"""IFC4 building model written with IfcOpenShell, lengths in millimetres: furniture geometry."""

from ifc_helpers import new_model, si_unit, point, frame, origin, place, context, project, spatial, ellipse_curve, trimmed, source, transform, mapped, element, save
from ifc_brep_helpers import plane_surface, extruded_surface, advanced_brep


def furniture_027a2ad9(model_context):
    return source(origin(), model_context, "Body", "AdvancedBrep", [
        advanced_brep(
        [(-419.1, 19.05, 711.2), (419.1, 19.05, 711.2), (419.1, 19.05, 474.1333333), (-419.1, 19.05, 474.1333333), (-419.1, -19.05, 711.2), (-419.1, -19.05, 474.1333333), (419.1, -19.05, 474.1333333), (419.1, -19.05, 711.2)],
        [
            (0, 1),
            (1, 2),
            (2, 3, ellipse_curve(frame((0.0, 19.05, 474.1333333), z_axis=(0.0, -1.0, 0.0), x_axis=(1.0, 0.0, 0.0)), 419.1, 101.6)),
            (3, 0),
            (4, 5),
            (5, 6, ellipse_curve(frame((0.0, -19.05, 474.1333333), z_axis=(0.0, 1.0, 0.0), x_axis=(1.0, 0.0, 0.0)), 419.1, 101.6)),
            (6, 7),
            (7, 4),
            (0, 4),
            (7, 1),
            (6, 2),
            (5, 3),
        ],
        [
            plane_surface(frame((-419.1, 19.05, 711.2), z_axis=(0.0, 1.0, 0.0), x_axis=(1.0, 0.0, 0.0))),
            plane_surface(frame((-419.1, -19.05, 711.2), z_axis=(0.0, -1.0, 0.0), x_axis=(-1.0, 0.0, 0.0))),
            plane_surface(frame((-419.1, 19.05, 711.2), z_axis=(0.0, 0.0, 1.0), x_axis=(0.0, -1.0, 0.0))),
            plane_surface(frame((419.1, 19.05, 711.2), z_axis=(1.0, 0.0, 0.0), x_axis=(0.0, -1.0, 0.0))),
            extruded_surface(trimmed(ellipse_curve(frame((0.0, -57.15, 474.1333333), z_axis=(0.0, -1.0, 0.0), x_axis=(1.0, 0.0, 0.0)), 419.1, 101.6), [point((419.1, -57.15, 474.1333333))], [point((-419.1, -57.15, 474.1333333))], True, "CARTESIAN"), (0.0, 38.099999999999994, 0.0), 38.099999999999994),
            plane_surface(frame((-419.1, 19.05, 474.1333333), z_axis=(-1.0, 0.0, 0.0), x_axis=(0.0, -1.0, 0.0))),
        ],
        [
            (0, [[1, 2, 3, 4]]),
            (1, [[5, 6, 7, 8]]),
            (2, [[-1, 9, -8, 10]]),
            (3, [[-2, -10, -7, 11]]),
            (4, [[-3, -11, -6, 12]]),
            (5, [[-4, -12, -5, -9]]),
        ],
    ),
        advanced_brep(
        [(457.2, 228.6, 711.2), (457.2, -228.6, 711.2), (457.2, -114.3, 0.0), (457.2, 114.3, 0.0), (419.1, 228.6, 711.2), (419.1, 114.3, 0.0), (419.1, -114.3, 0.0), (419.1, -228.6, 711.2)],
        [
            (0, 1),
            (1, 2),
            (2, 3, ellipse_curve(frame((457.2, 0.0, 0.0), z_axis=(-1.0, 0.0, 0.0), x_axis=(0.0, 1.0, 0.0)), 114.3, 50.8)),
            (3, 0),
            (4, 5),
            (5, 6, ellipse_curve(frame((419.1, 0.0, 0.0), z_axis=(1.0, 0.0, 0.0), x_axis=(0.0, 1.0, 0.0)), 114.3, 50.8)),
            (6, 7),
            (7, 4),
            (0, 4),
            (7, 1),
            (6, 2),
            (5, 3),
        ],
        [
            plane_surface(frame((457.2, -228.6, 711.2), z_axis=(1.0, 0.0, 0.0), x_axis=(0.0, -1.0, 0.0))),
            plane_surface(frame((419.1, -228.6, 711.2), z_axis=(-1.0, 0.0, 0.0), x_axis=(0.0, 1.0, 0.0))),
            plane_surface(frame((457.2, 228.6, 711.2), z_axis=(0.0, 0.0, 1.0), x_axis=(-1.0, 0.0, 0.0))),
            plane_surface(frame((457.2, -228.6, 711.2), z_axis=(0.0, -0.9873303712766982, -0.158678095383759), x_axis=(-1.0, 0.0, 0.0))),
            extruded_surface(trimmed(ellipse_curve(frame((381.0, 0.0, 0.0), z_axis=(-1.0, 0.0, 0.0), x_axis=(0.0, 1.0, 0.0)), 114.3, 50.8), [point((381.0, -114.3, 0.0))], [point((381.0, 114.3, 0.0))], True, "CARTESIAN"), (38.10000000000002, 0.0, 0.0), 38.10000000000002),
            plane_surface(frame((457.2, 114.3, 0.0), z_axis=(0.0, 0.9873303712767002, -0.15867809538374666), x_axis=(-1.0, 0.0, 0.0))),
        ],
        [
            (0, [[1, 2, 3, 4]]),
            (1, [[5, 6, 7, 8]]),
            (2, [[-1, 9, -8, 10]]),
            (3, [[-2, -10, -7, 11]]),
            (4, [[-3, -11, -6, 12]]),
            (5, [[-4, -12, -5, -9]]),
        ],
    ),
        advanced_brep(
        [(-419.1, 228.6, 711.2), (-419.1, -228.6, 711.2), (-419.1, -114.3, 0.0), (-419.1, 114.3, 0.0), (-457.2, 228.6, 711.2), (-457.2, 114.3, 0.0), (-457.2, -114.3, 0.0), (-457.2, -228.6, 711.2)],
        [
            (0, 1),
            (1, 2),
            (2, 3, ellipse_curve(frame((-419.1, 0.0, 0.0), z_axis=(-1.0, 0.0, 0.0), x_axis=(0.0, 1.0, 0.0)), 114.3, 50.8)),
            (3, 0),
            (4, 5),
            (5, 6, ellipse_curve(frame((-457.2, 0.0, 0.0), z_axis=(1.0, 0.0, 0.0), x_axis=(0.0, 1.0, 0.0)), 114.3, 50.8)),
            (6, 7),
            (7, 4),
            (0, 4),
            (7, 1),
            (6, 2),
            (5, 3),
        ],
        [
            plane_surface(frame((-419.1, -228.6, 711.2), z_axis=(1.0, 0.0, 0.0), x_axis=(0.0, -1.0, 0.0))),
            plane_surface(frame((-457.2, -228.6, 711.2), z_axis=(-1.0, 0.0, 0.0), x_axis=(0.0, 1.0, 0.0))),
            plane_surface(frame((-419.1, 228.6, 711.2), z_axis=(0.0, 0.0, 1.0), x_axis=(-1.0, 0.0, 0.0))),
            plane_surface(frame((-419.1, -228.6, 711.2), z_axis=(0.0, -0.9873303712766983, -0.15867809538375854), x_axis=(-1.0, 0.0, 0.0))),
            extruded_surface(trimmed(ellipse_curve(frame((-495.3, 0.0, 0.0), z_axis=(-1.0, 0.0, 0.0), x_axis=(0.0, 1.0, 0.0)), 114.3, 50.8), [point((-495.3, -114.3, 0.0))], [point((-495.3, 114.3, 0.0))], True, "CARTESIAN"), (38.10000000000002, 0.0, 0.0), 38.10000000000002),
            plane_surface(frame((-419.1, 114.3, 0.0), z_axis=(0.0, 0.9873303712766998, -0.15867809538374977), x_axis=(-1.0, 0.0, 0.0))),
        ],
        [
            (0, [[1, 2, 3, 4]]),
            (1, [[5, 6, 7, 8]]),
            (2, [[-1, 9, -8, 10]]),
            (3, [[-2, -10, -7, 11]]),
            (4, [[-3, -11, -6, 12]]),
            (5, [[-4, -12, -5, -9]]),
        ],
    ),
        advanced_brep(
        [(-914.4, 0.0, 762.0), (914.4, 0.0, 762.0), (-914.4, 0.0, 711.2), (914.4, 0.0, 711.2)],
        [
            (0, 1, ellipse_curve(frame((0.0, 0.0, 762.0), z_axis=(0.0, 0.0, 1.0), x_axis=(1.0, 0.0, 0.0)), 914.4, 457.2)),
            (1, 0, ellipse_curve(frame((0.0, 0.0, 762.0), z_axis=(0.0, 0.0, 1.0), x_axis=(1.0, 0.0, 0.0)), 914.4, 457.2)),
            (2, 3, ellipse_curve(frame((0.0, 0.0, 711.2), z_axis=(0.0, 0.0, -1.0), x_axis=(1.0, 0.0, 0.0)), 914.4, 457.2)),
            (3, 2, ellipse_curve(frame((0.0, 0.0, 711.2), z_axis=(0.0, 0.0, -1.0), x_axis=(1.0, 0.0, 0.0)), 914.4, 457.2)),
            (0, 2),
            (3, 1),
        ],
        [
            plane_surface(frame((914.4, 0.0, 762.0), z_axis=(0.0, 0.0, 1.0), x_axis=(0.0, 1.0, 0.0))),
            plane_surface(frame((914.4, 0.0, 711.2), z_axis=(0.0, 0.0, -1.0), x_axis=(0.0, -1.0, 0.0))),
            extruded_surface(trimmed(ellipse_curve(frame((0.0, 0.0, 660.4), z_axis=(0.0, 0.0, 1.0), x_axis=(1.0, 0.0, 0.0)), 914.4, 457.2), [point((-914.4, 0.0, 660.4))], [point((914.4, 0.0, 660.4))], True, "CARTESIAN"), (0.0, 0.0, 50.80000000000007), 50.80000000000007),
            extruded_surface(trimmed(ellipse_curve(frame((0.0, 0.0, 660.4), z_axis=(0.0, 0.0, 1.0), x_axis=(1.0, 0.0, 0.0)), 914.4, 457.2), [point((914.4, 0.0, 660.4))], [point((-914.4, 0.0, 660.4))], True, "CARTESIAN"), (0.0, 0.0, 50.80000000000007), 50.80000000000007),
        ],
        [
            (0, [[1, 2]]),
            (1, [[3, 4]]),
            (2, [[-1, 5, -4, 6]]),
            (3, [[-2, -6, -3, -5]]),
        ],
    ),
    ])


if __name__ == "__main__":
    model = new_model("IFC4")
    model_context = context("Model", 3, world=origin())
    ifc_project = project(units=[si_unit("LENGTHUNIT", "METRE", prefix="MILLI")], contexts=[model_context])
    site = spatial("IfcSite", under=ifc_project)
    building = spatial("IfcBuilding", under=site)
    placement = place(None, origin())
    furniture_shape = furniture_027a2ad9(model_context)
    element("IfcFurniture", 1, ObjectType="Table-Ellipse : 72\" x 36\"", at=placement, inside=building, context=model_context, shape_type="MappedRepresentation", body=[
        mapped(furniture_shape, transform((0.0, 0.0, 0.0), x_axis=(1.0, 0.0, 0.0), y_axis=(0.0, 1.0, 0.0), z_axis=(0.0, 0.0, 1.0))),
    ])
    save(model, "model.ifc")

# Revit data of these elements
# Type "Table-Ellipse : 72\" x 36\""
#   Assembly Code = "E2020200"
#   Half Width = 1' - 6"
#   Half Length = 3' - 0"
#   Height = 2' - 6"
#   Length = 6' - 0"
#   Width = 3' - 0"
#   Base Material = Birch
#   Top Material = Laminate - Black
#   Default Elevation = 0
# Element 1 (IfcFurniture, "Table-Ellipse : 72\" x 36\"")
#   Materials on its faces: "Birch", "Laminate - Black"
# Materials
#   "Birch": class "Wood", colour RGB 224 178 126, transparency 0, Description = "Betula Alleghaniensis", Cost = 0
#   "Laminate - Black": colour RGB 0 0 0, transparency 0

* [INSTRUCTIONS FOR THE TASK]: Stop after the line containing "from ifc_brep_helpers import": print exactly the lines from the start of the entries above up to it, that line included.

* [RESPONSE AREA]:
"""IFC4 building model written with IfcOpenShell, lengths in millimetres: furniture geometry."""

from ifc_helpers import new_model, si_unit, point, frame, origin, place, context, project, spatial, ellipse_curve, trimmed, source, transform, mapped, element, save
from ifc_brep_helpers import plane_surface, extruded_surface, advanced_brep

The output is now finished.